*** Opening Entries provided ***

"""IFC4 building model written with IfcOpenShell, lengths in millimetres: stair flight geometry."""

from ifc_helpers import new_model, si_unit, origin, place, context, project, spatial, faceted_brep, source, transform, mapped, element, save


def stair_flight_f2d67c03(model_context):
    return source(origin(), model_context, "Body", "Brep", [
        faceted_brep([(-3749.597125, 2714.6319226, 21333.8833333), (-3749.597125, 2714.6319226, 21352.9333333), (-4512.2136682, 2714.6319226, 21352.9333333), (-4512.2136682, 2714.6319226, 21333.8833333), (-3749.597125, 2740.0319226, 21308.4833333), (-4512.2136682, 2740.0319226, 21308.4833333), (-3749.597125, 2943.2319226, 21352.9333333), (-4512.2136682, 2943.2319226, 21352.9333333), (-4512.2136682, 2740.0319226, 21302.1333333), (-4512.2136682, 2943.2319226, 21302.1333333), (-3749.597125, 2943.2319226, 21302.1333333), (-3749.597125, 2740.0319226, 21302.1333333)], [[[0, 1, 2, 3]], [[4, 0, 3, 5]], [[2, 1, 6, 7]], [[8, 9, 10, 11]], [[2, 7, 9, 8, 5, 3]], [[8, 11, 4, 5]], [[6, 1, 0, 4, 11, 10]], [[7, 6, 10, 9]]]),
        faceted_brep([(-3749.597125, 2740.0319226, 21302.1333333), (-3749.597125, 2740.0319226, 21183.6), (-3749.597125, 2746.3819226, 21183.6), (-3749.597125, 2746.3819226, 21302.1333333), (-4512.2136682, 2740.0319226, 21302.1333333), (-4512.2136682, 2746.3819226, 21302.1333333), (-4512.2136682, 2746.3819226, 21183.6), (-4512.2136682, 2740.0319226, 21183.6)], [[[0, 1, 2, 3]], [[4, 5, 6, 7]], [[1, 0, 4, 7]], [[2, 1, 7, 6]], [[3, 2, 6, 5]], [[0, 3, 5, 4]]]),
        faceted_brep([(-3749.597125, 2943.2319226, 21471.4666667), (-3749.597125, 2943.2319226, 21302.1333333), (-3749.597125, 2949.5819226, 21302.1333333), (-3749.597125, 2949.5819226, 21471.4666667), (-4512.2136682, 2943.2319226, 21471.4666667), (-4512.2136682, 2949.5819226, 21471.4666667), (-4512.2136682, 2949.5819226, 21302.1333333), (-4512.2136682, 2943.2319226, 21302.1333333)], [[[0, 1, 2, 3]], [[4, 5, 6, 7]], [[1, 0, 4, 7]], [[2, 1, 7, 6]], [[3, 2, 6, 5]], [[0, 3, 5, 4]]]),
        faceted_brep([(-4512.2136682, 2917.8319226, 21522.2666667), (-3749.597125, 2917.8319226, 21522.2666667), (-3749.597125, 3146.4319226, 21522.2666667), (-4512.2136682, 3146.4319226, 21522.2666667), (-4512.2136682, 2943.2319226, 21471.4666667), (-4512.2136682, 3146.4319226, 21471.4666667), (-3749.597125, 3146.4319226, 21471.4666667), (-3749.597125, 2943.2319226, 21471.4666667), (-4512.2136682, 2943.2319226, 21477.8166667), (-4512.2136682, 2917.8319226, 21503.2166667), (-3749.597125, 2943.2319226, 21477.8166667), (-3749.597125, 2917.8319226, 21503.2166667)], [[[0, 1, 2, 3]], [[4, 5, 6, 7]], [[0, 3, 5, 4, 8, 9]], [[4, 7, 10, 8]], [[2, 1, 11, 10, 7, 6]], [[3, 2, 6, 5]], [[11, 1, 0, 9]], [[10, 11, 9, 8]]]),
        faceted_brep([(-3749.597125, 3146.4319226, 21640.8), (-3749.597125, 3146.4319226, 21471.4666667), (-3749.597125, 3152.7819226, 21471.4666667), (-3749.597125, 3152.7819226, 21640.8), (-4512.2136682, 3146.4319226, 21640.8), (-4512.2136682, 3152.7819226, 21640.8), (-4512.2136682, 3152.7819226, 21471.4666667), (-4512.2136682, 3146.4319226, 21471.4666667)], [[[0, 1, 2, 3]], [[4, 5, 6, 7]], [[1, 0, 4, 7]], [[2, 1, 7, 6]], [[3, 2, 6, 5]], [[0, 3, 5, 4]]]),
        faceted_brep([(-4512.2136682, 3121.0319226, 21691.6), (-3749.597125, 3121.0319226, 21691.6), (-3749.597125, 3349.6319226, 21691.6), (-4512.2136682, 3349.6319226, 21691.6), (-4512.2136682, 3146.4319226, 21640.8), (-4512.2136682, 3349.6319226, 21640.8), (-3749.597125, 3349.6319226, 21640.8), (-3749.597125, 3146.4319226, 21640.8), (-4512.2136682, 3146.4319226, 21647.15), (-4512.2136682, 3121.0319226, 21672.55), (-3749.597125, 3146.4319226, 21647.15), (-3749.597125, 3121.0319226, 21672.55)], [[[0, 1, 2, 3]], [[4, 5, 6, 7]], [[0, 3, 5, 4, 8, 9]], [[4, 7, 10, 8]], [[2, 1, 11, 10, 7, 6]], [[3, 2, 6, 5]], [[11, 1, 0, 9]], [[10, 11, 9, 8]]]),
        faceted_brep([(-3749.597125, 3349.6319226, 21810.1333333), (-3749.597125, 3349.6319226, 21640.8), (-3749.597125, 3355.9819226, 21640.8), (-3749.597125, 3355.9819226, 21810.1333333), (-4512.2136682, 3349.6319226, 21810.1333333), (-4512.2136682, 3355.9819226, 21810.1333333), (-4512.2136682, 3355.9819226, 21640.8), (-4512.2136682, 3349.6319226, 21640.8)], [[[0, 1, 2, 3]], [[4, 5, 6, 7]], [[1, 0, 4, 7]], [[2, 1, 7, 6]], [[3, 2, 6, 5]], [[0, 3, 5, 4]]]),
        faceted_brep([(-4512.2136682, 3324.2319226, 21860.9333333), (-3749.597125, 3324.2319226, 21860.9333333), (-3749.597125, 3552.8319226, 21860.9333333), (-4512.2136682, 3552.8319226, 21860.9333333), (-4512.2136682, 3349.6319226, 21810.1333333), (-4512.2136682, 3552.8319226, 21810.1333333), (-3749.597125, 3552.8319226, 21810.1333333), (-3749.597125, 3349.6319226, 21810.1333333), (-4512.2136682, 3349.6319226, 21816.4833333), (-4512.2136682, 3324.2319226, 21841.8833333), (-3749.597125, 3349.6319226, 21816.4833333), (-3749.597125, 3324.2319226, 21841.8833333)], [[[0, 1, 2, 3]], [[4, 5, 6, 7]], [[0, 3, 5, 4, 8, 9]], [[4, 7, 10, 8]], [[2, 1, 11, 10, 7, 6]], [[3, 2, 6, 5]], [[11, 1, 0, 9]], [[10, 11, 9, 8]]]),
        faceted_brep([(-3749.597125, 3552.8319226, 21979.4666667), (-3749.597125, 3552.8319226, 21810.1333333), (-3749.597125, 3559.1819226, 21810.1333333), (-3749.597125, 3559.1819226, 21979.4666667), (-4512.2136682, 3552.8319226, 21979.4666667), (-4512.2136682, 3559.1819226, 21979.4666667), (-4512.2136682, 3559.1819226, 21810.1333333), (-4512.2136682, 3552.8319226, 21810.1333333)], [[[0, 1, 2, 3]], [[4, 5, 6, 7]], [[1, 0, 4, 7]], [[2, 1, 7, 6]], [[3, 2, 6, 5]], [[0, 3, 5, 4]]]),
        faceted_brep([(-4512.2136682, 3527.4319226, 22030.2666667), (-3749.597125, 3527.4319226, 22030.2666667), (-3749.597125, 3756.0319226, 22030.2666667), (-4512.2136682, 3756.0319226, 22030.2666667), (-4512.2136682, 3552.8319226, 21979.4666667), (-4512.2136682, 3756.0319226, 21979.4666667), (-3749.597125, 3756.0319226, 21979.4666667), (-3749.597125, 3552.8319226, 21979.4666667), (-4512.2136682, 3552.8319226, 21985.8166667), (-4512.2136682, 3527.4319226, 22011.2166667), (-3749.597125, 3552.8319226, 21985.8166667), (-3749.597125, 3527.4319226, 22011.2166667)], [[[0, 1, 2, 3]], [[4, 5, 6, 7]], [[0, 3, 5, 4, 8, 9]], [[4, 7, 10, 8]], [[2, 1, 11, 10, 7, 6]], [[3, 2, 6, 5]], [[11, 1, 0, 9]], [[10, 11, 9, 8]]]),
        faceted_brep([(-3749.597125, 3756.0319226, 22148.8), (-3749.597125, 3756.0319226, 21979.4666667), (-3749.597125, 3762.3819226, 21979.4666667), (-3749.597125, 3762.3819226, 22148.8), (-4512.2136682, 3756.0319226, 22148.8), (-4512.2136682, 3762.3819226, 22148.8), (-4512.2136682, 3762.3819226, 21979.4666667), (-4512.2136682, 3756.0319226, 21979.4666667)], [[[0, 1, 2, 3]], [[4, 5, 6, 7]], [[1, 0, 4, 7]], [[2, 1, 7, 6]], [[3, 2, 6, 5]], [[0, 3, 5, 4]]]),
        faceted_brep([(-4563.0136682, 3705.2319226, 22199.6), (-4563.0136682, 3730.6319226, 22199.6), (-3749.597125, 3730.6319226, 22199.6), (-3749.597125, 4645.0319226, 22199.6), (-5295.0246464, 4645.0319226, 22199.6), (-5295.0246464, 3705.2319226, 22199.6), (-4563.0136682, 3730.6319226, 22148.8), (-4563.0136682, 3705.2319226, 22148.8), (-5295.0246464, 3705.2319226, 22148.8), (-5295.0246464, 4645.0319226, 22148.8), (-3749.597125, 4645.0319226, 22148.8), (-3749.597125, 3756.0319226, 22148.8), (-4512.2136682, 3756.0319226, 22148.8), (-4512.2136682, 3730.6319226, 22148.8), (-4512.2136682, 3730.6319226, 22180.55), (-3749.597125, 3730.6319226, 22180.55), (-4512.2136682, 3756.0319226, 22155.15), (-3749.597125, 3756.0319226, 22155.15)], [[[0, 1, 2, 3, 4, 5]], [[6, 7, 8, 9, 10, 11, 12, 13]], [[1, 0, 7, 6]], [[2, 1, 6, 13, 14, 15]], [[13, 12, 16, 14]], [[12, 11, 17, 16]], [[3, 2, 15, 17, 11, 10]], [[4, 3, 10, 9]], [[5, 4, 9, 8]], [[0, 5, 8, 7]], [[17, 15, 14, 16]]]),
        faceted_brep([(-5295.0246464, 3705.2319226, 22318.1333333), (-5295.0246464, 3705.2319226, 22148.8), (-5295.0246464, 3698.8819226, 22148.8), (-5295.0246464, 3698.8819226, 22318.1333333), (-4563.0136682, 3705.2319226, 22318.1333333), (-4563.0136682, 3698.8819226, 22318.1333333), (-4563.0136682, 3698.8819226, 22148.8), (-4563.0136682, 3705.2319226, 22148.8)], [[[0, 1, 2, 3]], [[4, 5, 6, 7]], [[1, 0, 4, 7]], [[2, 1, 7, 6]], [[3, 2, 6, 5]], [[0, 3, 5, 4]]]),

*** Closing Entries provided ***

## Work to be completed
Only the lines that contain the string "source" should be copied from the entries above.

## Output below
from ifc_helpers import new_model, si_unit, origin, place, context, project, spatial, faceted_brep, source, transform, mapped, element, save
    return source(origin(), model_context, "Body", "Brep", [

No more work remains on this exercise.